_ABOUT THIS EXERCISE:_ Each line in the entries that has the word "IfcColumn" has to be copied.

*** Opening of EXERCISE INPUTS ***

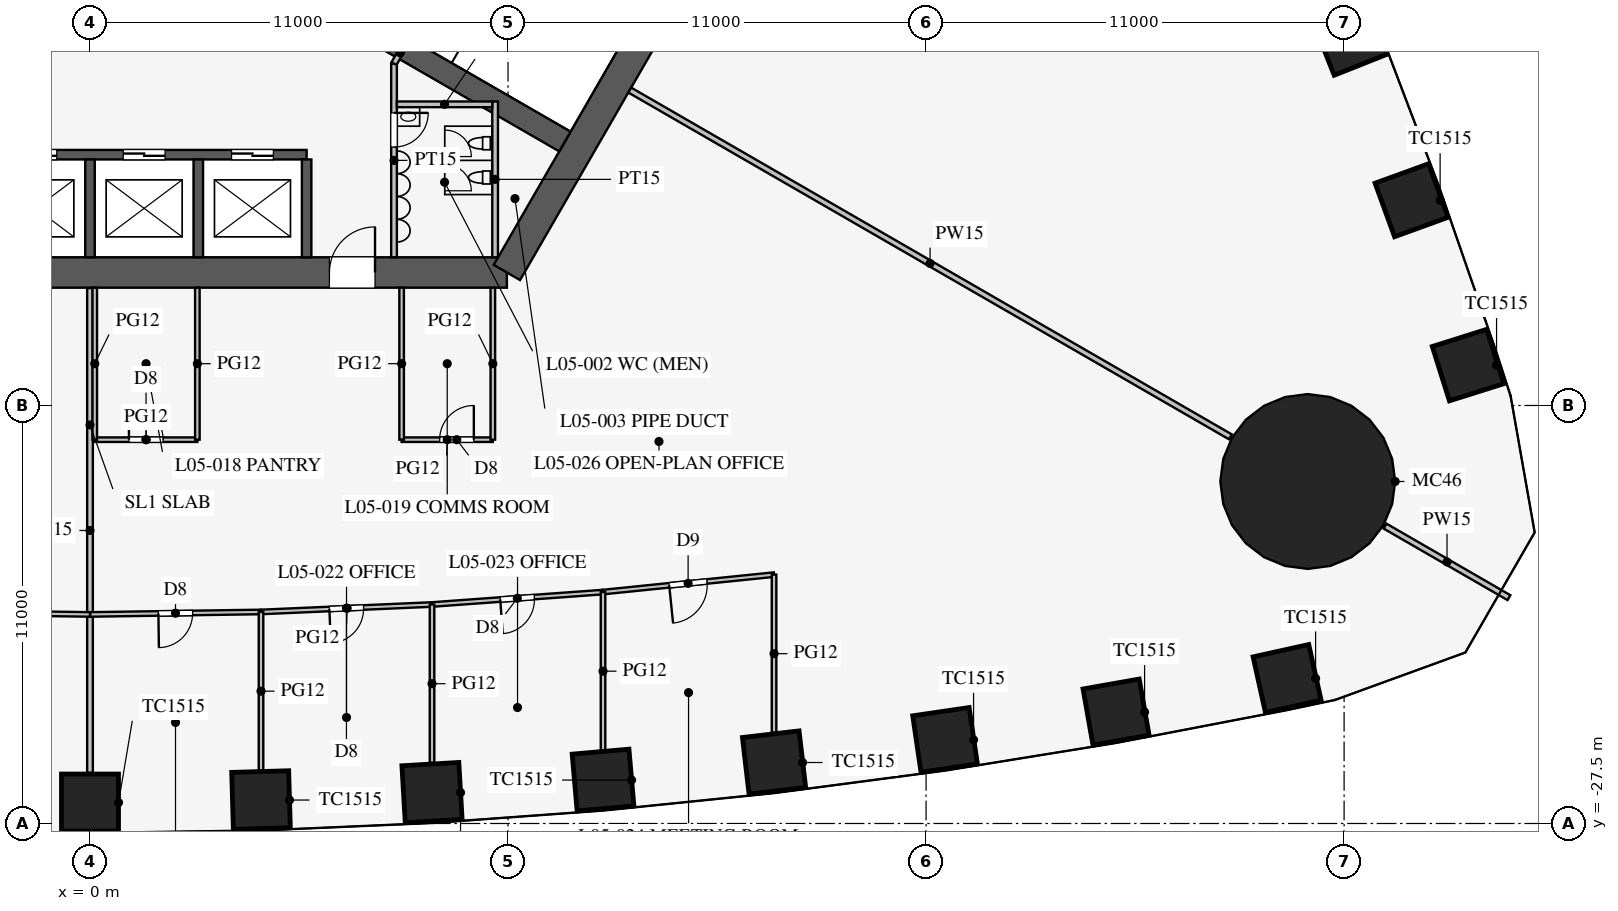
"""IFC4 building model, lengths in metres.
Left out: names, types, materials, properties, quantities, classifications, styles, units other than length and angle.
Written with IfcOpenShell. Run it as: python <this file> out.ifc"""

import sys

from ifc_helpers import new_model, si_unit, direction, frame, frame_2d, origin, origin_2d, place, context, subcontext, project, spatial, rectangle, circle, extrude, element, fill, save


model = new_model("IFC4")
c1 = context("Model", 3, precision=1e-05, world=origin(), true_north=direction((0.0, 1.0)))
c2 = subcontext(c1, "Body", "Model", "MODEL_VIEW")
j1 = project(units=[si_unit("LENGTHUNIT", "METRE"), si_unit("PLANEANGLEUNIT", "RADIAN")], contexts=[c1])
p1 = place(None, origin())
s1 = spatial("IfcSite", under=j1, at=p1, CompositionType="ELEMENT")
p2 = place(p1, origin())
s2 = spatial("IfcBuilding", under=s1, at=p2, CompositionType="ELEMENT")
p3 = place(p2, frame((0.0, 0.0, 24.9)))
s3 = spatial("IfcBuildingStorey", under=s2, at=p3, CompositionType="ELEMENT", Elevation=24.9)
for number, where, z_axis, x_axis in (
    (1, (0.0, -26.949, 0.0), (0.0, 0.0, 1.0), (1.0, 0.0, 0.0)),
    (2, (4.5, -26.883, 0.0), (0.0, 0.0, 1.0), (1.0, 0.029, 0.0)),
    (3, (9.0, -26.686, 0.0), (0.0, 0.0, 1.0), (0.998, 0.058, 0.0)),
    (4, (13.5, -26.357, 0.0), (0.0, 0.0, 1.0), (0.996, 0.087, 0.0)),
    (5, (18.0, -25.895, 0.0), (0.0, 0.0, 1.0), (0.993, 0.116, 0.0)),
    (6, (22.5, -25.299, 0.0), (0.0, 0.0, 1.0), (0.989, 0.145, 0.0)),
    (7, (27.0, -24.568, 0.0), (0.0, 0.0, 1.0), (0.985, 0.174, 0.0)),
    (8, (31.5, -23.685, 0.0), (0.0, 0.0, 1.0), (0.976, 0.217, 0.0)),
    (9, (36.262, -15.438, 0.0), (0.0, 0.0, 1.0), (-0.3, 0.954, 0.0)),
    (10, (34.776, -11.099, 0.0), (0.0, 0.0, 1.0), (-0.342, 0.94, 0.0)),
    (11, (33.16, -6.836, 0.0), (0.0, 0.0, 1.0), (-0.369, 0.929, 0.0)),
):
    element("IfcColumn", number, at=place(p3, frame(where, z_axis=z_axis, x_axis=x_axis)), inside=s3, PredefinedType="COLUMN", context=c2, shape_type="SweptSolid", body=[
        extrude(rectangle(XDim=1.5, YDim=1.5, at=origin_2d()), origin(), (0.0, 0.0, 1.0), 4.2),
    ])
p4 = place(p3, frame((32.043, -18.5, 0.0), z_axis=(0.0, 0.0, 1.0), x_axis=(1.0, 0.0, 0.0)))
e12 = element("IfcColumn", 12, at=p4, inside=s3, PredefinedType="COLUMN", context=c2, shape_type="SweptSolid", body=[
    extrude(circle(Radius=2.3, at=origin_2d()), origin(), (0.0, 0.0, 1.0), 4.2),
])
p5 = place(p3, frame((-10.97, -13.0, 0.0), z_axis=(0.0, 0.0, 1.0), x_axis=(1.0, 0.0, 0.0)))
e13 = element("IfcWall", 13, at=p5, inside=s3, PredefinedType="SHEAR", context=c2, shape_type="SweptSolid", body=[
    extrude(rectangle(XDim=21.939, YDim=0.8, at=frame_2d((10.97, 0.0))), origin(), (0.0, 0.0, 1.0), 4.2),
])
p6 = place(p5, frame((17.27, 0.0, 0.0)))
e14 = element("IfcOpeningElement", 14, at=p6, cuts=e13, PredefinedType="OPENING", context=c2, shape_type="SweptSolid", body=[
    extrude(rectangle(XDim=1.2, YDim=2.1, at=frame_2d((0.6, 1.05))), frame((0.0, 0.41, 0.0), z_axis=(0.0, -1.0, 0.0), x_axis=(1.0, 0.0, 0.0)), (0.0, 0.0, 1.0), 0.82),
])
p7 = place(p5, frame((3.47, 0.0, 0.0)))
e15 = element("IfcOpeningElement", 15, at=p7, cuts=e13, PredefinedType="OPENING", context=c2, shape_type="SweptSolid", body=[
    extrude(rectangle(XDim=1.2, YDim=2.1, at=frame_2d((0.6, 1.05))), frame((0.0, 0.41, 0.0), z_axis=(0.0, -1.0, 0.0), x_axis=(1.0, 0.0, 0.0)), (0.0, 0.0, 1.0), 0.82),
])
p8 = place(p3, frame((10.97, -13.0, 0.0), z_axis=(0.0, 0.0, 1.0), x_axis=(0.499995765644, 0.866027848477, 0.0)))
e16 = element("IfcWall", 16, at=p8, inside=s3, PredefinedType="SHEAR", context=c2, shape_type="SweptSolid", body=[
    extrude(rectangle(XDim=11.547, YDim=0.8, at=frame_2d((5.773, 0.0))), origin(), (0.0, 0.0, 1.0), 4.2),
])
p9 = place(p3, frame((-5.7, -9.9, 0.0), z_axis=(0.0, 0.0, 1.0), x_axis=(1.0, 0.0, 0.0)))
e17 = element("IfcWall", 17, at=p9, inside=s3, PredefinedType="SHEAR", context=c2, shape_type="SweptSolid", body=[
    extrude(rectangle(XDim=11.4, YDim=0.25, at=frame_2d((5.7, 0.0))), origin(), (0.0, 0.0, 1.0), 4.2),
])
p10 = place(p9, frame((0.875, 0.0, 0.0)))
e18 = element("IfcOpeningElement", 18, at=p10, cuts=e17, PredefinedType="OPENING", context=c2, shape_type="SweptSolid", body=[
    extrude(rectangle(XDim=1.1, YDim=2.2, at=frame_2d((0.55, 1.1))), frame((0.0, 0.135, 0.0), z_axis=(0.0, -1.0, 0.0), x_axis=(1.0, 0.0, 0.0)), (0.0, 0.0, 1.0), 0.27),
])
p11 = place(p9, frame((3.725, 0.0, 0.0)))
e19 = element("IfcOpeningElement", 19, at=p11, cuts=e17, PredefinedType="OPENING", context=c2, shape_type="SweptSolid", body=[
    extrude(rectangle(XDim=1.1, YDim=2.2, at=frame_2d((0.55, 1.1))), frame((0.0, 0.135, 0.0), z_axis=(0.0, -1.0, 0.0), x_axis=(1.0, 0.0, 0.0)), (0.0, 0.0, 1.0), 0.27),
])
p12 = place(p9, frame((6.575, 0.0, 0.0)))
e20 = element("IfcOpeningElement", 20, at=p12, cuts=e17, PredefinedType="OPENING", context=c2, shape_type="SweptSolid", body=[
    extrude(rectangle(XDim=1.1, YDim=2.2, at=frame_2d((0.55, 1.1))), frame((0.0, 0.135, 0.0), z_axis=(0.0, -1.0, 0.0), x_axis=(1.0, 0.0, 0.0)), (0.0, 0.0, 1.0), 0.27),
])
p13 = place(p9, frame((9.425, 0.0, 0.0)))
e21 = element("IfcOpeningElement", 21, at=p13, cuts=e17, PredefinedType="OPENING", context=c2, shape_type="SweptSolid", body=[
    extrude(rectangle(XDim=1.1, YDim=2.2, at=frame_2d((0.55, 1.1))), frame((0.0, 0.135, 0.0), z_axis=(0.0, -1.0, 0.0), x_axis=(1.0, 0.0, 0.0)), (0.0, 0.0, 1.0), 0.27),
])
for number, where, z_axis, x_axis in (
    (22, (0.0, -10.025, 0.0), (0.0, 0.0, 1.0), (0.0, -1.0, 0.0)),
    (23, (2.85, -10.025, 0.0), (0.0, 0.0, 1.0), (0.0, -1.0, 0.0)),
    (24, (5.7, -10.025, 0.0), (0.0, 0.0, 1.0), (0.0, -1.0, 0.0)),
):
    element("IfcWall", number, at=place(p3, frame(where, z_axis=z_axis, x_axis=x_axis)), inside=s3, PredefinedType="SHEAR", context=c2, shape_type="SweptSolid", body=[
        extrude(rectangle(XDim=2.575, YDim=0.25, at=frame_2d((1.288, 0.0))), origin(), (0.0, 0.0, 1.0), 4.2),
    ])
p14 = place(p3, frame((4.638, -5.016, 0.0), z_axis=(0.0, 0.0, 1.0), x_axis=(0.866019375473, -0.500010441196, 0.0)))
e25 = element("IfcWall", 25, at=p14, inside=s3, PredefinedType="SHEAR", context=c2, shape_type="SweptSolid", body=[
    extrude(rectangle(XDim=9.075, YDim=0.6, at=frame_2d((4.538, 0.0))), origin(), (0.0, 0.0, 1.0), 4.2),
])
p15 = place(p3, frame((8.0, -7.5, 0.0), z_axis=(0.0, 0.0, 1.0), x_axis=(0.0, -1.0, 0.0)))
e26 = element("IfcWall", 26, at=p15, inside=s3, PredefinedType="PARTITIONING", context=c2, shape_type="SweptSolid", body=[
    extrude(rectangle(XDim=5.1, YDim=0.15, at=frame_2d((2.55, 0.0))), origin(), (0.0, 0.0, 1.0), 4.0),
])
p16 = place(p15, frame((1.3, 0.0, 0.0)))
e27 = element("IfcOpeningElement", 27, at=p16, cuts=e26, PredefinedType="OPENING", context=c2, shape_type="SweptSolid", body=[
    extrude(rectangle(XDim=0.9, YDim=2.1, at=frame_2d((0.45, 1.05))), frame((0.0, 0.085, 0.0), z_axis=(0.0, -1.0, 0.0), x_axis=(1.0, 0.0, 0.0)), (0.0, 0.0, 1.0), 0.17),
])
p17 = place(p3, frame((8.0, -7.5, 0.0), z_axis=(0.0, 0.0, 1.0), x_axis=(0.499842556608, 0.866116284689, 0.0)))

*** Close of EXERCISE INPUTS ***

_YOUR SOLUTION:_
    element("IfcColumn", number, at=place(p3, frame(where, z_axis=z_axis, x_axis=x_axis)), inside=s3, PredefinedType="COLUMN", context=c2, shape_type="SweptSolid", body=[
e12 = element("IfcColumn", 12, at=p4, inside=s3, PredefinedType="COLUMN", context=c2, shape_type="SweptSolid", body=[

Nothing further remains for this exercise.